THE PROBLEM >> Restate exactly the lines that run from the start of the records below to the line containing "p3 = place(p2, frame((0.0, 0.0, 25.4)))", counting both ends, and nothing else; pictures stay out.

- - - -

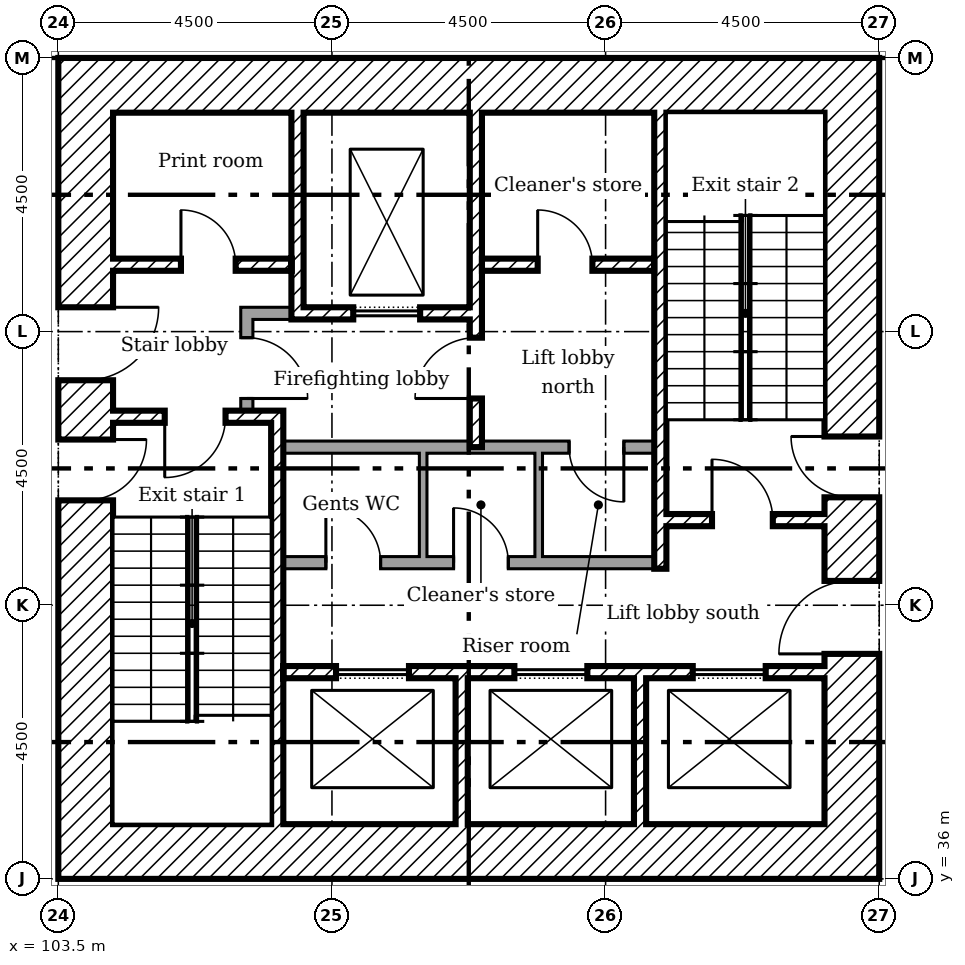
"""IFC4 building model, lengths in metres.
Left out: names, types, materials, properties, quantities, classifications, styles, units other than length and angle.
Written with IfcOpenShell. Run it as: python <this file> out.ifc"""

import sys

from ifc_helpers import new_model, si_unit, direction, frame, frame_2d, origin, place, context, subcontext, project, spatial, rectangle, extrude, element, fill, save


model = new_model("IFC4")
c1 = context("Model", 3, precision=1e-05, world=origin(), true_north=direction((0.0, 1.0)))
c2 = subcontext(c1, "Body", "Model", "MODEL_VIEW")
j1 = project(units=[si_unit("LENGTHUNIT", "METRE"), si_unit("PLANEANGLEUNIT", "RADIAN")], contexts=[c1])
p1 = place(None, origin())
s1 = spatial("IfcSite", under=j1, at=p1, CompositionType="ELEMENT")
p2 = place(p1, origin())
s2 = spatial("IfcBuilding", under=s1, at=p2, CompositionType="ELEMENT")
p3 = place(p2, frame((0.0, 0.0, 25.4)))
s3 = spatial("IfcBuildingStorey", under=s2, at=p3, CompositionType="ELEMENT", Elevation=25.4)
p4 = place(p3, frame((116.55, 36.0, 0.0), z_axis=(0.0, 0.0, 1.0), x_axis=(0.0, 1.0, 0.0)))
e1 = element("IfcWall", 1, at=p4, inside=s3, PredefinedType="SHEAR", context=c2, shape_type="SweptSolid", body=[
    extrude(rectangle(XDim=13.5, YDim=0.9, at=frame_2d((6.75, 0.0))), origin(), (0.0, 0.0, 1.0), 4.125),
])
p5 = place(p4, frame((3.7, 0.0, 0.0)))
e2 = element("IfcOpeningElement", 2, at=p5, cuts=e1, PredefinedType="OPENING", context=c2, shape_type="SweptSolid", body=[
    extrude(rectangle(XDim=1.2, YDim=2.1, at=frame_2d((0.6, 1.05))), frame((0.0, 0.46, 0.0), z_axis=(0.0, -1.0, 0.0), x_axis=(1.0, 0.0, 0.0)), (0.0, 0.0, 1.0), 0.92),
])
p6 = place(p4, frame((6.275, 0.0, 0.0)))
e3 = element("IfcOpeningElement", 3, at=p6, cuts=e1, PredefinedType="OPENING", context=c2, shape_type="SweptSolid", body=[
    extrude(rectangle(XDim=1.0, YDim=2.1, at=frame_2d((0.5, 1.05))), frame((0.0, 0.46, 0.0), z_axis=(0.0, -1.0, 0.0), x_axis=(1.0, 0.0, 0.0)), (0.0, 0.0, 1.0), 0.92),
])
for number, where in (
    (4, (104.4, 49.05, 0.0)),
    (5, (104.4, 36.45, 0.0)),
):
    element("IfcWall", number, at=place(p3, frame(where)), inside=s3, PredefinedType="SHEAR", context=c2, shape_type="SweptSolid", body=[
        extrude(rectangle(XDim=11.7, YDim=0.9, at=frame_2d((5.85, 0.0))), origin(), (0.0, 0.0, 1.0), 4.125),
    ])
p7 = place(p3, frame((103.95, 36.0, 0.0), z_axis=(0.0, 0.0, 1.0), x_axis=(0.0, 1.0, 0.0)))
e6 = element("IfcWall", 6, at=p7, inside=s3, PredefinedType="SHEAR", context=c2, shape_type="SweptSolid", body=[
    extrude(rectangle(XDim=13.5, YDim=0.9, at=frame_2d((6.75, 0.0))), origin(), (0.0, 0.0, 1.0), 4.125),
])
p8 = place(p7, frame((8.2, 0.0, 0.0)))
e7 = element("IfcOpeningElement", 7, at=p8, cuts=e6, PredefinedType="OPENING", context=c2, shape_type="SweptSolid", body=[
    extrude(rectangle(XDim=1.2, YDim=2.1, at=frame_2d((0.6, 1.05))), frame((0.0, 0.46, 0.0), z_axis=(0.0, -1.0, 0.0), x_axis=(1.0, 0.0, 0.0)), (0.0, 0.0, 1.0), 0.92),
])
p9 = place(p7, frame((6.225, 0.0, 0.0)))
e8 = element("IfcOpeningElement", 8, at=p9, cuts=e6, PredefinedType="OPENING", context=c2, shape_type="SweptSolid", body=[
    extrude(rectangle(XDim=1.0, YDim=2.1, at=frame_2d((0.5, 1.05))), frame((0.0, 0.46, 0.0), z_axis=(0.0, -1.0, 0.0), x_axis=(1.0, 0.0, 0.0)), (0.0, 0.0, 1.0), 0.92),
])
p10 = place(p3, frame((107.433, 48.6, 0.0), z_axis=(0.0, 0.0, 1.0), x_axis=(0.0, -1.0, 0.0)))
e9 = element("IfcWall", 9, at=p10, inside=s3, PredefinedType="SHEAR", context=c2, shape_type="SweptSolid", body=[
    extrude(rectangle(XDim=3.4, YDim=0.2, at=frame_2d((1.7, 0.0))), origin(), (0.0, 0.0, 1.0), 4.125),
])
p11 = place(p3, frame((110.367, 48.6, 0.0), z_axis=(0.0, 0.0, 1.0), x_axis=(0.0, -1.0, 0.0)))
e10 = element("IfcWall", 10, at=p11, inside=s3, PredefinedType="SHEAR", context=c2, shape_type="SweptSolid", body=[
    extrude(rectangle(XDim=5.5, YDim=0.2, at=frame_2d((2.75, 0.0))), origin(), (0.0, 0.0, 1.0), 4.125),
])
p12 = place(p11, frame((3.7, 0.0, 0.0)))
e11 = element("IfcOpeningElement", 11, at=p12, cuts=e10, PredefinedType="OPENING", context=c2, shape_type="SweptSolid", body=[
    extrude(rectangle(XDim=1.0, YDim=2.1, at=frame_2d((0.5, 1.05))), frame((0.0, 0.11, 0.0), z_axis=(0.0, -1.0, 0.0), x_axis=(1.0, 0.0, 0.0)), (0.0, 0.0, 1.0), 0.22),
])
for number, where, z_axis, x_axis in (
    (12, (110.133, 36.9, 0.0), (0.0, 0.0, 1.0), (0.0, 1.0, 0.0)),
    (13, (113.067, 36.9, 0.0), (0.0, 0.0, 1.0), (0.0, 1.0, 0.0)),
):
    element("IfcWall", number, at=place(p3, frame(where, z_axis=z_axis, x_axis=x_axis)), inside=s3, PredefinedType="SHEAR", context=c2, shape_type="SweptSolid", body=[
        extrude(rectangle(XDim=2.4, YDim=0.2, at=frame_2d((1.2, 0.0))), origin(), (0.0, 0.0, 1.0), 4.125),
    ])
p13 = place(p3, frame((106.5, 45.3, 0.0)))
e14 = element("IfcWall", 14, at=p13, inside=s3, PredefinedType="PARTITIONING", context=c2, shape_type="SweptSolid", body=[
    extrude(rectangle(XDim=0.833, YDim=0.2, at=frame_2d((0.417, 0.0))), origin(), (0.0, 0.0, 1.0), 4.125),
])
p14 = place(p3, frame((106.6, 43.7, 0.0), z_axis=(0.0, 0.0, 1.0), x_axis=(0.0, 1.0, 0.0)))
e15 = element("IfcWall", 15, at=p14, inside=s3, PredefinedType="PARTITIONING", context=c2, shape_type="SweptSolid", body=[
    extrude(rectangle(XDim=1.5, YDim=0.2, at=frame_2d((0.75, 0.0))), origin(), (0.0, 0.0, 1.0), 4.125),
])
p15 = place(p14, frame((0.2, 0.0, 0.0)))
e16 = element("IfcOpeningElement", 16, at=p15, cuts=e15, PredefinedType="OPENING", context=c2, shape_type="SweptSolid", body=[
    extrude(rectangle(XDim=1.0, YDim=2.1, at=frame_2d((0.5, 1.05))), frame((0.0, 0.11, 0.0), z_axis=(0.0, -1.0, 0.0), x_axis=(1.0, 0.0, 0.0)), (0.0, 0.0, 1.0), 0.22),
])
p16 = place(p3, frame((104.4, 46.1, 0.0)))
e17 = element("IfcWall", 17, at=p16, inside=s3, PredefinedType="SHEAR", context=c2, shape_type="SweptSolid", body=[
    extrude(rectangle(XDim=2.933, YDim=0.2, at=frame_2d((1.467, 0.0))), origin(), (0.0, 0.0, 1.0), 4.125),
])
p17 = place(p16, frame((1.117, 0.0, 0.0)))
e18 = element("IfcOpeningElement", 18, at=p17, cuts=e17, PredefinedType="OPENING", context=c2, shape_type="SweptSolid", body=[
    extrude(rectangle(XDim=0.9, YDim=2.1, at=frame_2d((0.45, 1.05))), frame((0.0, 0.11, 0.0), z_axis=(0.0, -1.0, 0.0), x_axis=(1.0, 0.0, 0.0)), (0.0, 0.0, 1.0), 0.22),
])
p18 = place(p3, frame((110.467, 46.1, 0.0)))
e19 = element("IfcWall", 19, at=p18, inside=s3, PredefinedType="SHEAR", context=c2, shape_type="SweptSolid", body=[
    extrude(rectangle(XDim=2.833, YDim=0.2, at=frame_2d((1.417, 0.0))), origin(), (0.0, 0.0, 1.0), 4.125),
])
p19 = place(p18, frame((0.917, 0.0, 0.0)))
e20 = element("IfcOpeningElement", 20, at=p19, cuts=e19, PredefinedType="OPENING", context=c2, shape_type="SweptSolid", body=[
    extrude(rectangle(XDim=0.9, YDim=2.1, at=frame_2d((0.45, 1.05))), frame((0.0, 0.11, 0.0), z_axis=(0.0, -1.0, 0.0), x_axis=(1.0, 0.0, 0.0)), (0.0, 0.0, 1.0), 0.22),
])
p20 = place(p3, frame((107.533, 45.3, 0.0)))
e21 = element("IfcWall", 21, at=p20, inside=s3, PredefinedType="SHEAR", context=c2, shape_type="SweptSolid", body=[
    extrude(rectangle(XDim=2.733, YDim=0.2, at=frame_2d((1.367, 0.0))), origin(), (0.0, 0.0, 1.0), 4.125),
])
p21 = place(p20, frame((0.817, 0.0, 0.0)))
e22 = element("IfcOpeningElement", 22, at=p21, cuts=e21, PredefinedType="OPENING", context=c2, shape_type="SweptSolid", body=[
    extrude(rectangle(XDim=1.1, YDim=2.1, at=frame_2d((0.55, 1.05))), frame((0.0, 0.11, 0.0), z_axis=(0.0, -1.0, 0.0), x_axis=(1.0, 0.0, 0.0)), (0.0, 0.0, 1.0), 0.22),
])
p22 = place(p3, frame((107.2, 39.4, 0.0)))
e23 = element("IfcWall", 23, at=p22, inside=s3, PredefinedType="SHEAR", context=c2, shape_type="SweptSolid", body=[
    extrude(rectangle(XDim=8.9, YDim=0.2, at=frame_2d((4.45, 0.0))), origin(), (0.0, 0.0, 1.0), 4.125),
])
p23 = place(p22, frame((0.867, 0.0, 0.0)))
e24 = element("IfcOpeningElement", 24, at=p23, cuts=e23, PredefinedType="OPENING", context=c2, shape_type="SweptSolid", body=[
    extrude(rectangle(XDim=1.2, YDim=2.1, at=frame_2d((0.6, 1.05))), frame((0.0, 0.11, 0.0), z_axis=(0.0, -1.0, 0.0), x_axis=(1.0, 0.0, 0.0)), (0.0, 0.0, 1.0), 0.22),
])
p24 = place(p22, frame((3.8, 0.0, 0.0)))
e25 = element("IfcOpeningElement", 25, at=p24, cuts=e23, PredefinedType="OPENING", context=c2, shape_type="SweptSolid", body=[
    extrude(rectangle(XDim=1.2, YDim=2.1, at=frame_2d((0.6, 1.05))), frame((0.0, 0.11, 0.0), z_axis=(0.0, -1.0, 0.0), x_axis=(1.0, 0.0, 0.0)), (0.0, 0.0, 1.0), 0.22),
])
p25 = place(p22, frame((6.733, 0.0, 0.0)))
e26 = element("IfcOpeningElement", 26, at=p25, cuts=e23, PredefinedType="OPENING", context=c2, shape_type="SweptSolid", body=[
    extrude(rectangle(XDim=1.2, YDim=2.1, at=frame_2d((0.6, 1.05))), frame((0.0, 0.11, 0.0), z_axis=(0.0, -1.0, 0.0), x_axis=(1.0, 0.0, 0.0)), (0.0, 0.0, 1.0), 0.22),
])
p26 = place(p3, frame((107.1, 36.9, 0.0), z_axis=(0.0, 0.0, 1.0), x_axis=(0.0, 1.0, 0.0)))
e27 = element("IfcWall", 27, at=p26, inside=s3, PredefinedType="SHEAR", context=c2, shape_type="SweptSolid", body=[
    extrude(rectangle(XDim=6.8, YDim=0.2, at=frame_2d((3.4, 0.0))), origin(), (0.0, 0.0, 1.0), 4.125),
])
p27 = place(p3, frame((104.4, 43.6, 0.0)))
e28 = element("IfcWall", 28, at=p27, inside=s3, PredefinedType="SHEAR", context=c2, shape_type="SweptSolid", body=[
    extrude(rectangle(XDim=2.6, YDim=0.2, at=frame_2d((1.3, 0.0))), origin(), (0.0, 0.0, 1.0), 4.125),
])
p28 = place(p27, frame((0.85, 0.0, 0.0)))
e29 = element("IfcOpeningElement", 29, at=p28, cuts=e28, PredefinedType="OPENING", context=c2, shape_type="SweptSolid", body=[
    extrude(rectangle(XDim=1.0, YDim=2.1, at=frame_2d((0.5, 1.05))), frame((0.0, 0.11, 0.0), z_axis=(0.0, -1.0, 0.0), x_axis=(1.0, 0.0, 0.0)), (0.0, 0.0, 1.0), 0.22),
])
p29 = place(p3, frame((113.5, 41.9, 0.0)))
e30 = element("IfcWall", 30, at=p29, inside=s3, PredefinedType="SHEAR", context=c2, shape_type="SweptSolid", body=[
    extrude(rectangle(XDim=2.6, YDim=0.2, at=frame_2d((1.3, 0.0))), origin(), (0.0, 0.0, 1.0), 4.125),
])
p30 = place(p29, frame((0.75, 0.0, 0.0)))
e31 = element("IfcOpeningElement", 31, at=p30, cuts=e30, PredefinedType="OPENING", context=c2, shape_type="SweptSolid", body=[
    extrude(rectangle(XDim=1.0, YDim=2.1, at=frame_2d((0.5, 1.05))), frame((0.0, 0.11, 0.0), z_axis=(0.0, -1.0, 0.0), x_axis=(1.0, 0.0, 0.0)), (0.0, 0.0, 1.0), 0.22),
])
p31 = place(p3, frame((113.4, 41.1, 0.0), z_axis=(0.0, 0.0, 1.0), x_axis=(0.0, 1.0, 0.0)))
e32 = element("IfcWall", 32, at=p31, inside=s3, PredefinedType="SHEAR", context=c2, shape_type="SweptSolid", body=[
    extrude(rectangle(XDim=7.5, YDim=0.2, at=frame_2d((3.75, 0.0))), origin(), (0.0, 0.0, 1.0), 4.125),
])
p32 = place(p3, frame((107.2, 43.1, 0.0)))
e33 = element("IfcWall", 33, at=p32, inside=s3, PredefinedType="PARTITIONING", context=c2, shape_type="SweptSolid", body=[
    extrude(rectangle(XDim=6.1, YDim=0.2, at=frame_2d((3.05, 0.0))), origin(), (0.0, 0.0, 1.0), 4.125),
])
p33 = place(p32, frame((4.7, 0.0, 0.0)))
e34 = element("IfcOpeningElement", 34, at=p33, cuts=e33, PredefinedType="OPENING", context=c2, shape_type="SweptSolid", body=[
    extrude(rectangle(XDim=0.9, YDim=2.1, at=frame_2d((0.45, 1.05))), frame((0.0, 0.11, 0.0), z_axis=(0.0, -1.0, 0.0), x_axis=(1.0, 0.0, 0.0)), (0.0, 0.0, 1.0), 0.22),
])
p34 = place(p3, frame((107.2, 41.2, 0.0)))
e35 = element("IfcWall", 35, at=p34, inside=s3, PredefinedType="PARTITIONING", context=c2, shape_type="SweptSolid", body=[
    extrude(rectangle(XDim=6.1, YDim=0.2, at=frame_2d((3.05, 0.0))), origin(), (0.0, 0.0, 1.0), 4.125),
])
p35 = place(p34, frame((0.7, 0.0, 0.0)))
e36 = element("IfcOpeningElement", 36, at=p35, cuts=e35, PredefinedType="OPENING", context=c2, shape_type="SweptSolid", body=[
    extrude(rectangle(XDim=0.9, YDim=2.1, at=frame_2d((0.45, 1.05))), frame((0.0, 0.11, 0.0), z_axis=(0.0, -1.0, 0.0), x_axis=(1.0, 0.0, 0.0)), (0.0, 0.0, 1.0), 0.22),
])
p36 = place(p34, frame((2.8, 0.0, 0.0)))
e37 = element("IfcOpeningElement", 37, at=p36, cuts=e35, PredefinedType="OPENING", context=c2, shape_type="SweptSolid", body=[
    extrude(rectangle(XDim=0.9, YDim=2.1, at=frame_2d((0.45, 1.05))), frame((0.0, 0.11, 0.0), z_axis=(0.0, -1.0, 0.0), x_axis=(1.0, 0.0, 0.0)), (0.0, 0.0, 1.0), 0.22),
])
for number, where, z_axis, x_axis in (
    (38, (109.5, 41.3, 0.0), (0.0, 0.0, 1.0), (0.0, 1.0, 0.0)),
    (39, (111.4, 41.3, 0.0), (0.0, 0.0, 1.0), (0.0, 1.0, 0.0)),
):
    element("IfcWall", number, at=place(p3, frame(where, z_axis=z_axis, x_axis=x_axis)), inside=s3, PredefinedType="PARTITIONING", context=c2, shape_type="SweptSolid", body=[
        extrude(rectangle(XDim=1.7, YDim=0.125, at=frame_2d((0.85, 0.0))), origin(), (0.0, 0.0, 1.0), 4.125),
    ])
p37 = place(p8, frame((1.2, 0.0, 0.0), x_axis=(-1.0, 0.0, 0.0)))
e40 = element("IfcDoor", 40, at=p37, inside=s3, OperationType="SINGLE_SWING_RIGHT", PredefinedType="DOOR", context=c2, shape_type="SweptSolid", body=[
    extrude(rectangle(XDim=1.2, YDim=2.1, at=frame_2d((0.6, 1.05))), frame((0.0, 0.025, 0.0), z_axis=(0.0, -1.0, 0.0), x_axis=(1.0, 0.0, 0.0)), (0.0, 0.0, 1.0), 0.05),
])
fill(e7, e40)
p38 = place(p5, origin())
e41 = element("IfcDoor", 41, at=p38, inside=s3, OperationType="SINGLE_SWING_RIGHT", PredefinedType="DOOR", context=c2, shape_type="SweptSolid", body=[
    extrude(rectangle(XDim=1.2, YDim=2.1, at=frame_2d((0.6, 1.05))), frame((0.0, 0.025, 0.0), z_axis=(0.0, -1.0, 0.0), x_axis=(1.0, 0.0, 0.0)), (0.0, 0.0, 1.0), 0.05),
])
fill(e2, e41)
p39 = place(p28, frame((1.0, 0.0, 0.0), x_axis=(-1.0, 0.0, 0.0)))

- - - -

RESULT OF THIS TASK >>
"""IFC4 building model, lengths in metres.
Left out: names, types, materials, properties, quantities, classifications, styles, units other than length and angle.
Written with IfcOpenShell. Run it as: python <this file> out.ifc"""

import sys

from ifc_helpers import new_model, si_unit, direction, frame, frame_2d, origin, place, context, subcontext, project, spatial, rectangle, extrude, element, fill, save


model = new_model("IFC4")
c1 = context("Model", 3, precision=1e-05, world=origin(), true_north=direction((0.0, 1.0)))
c2 = subcontext(c1, "Body", "Model", "MODEL_VIEW")
j1 = project(units=[si_unit("LENGTHUNIT", "METRE"), si_unit("PLANEANGLEUNIT", "RADIAN")], contexts=[c1])
p1 = place(None, origin())
s1 = spatial("IfcSite", under=j1, at=p1, CompositionType="ELEMENT")
p2 = place(p1, origin())
s2 = spatial("IfcBuilding", under=s1, at=p2, CompositionType="ELEMENT")
p3 = place(p2, frame((0.0, 0.0, 25.4)))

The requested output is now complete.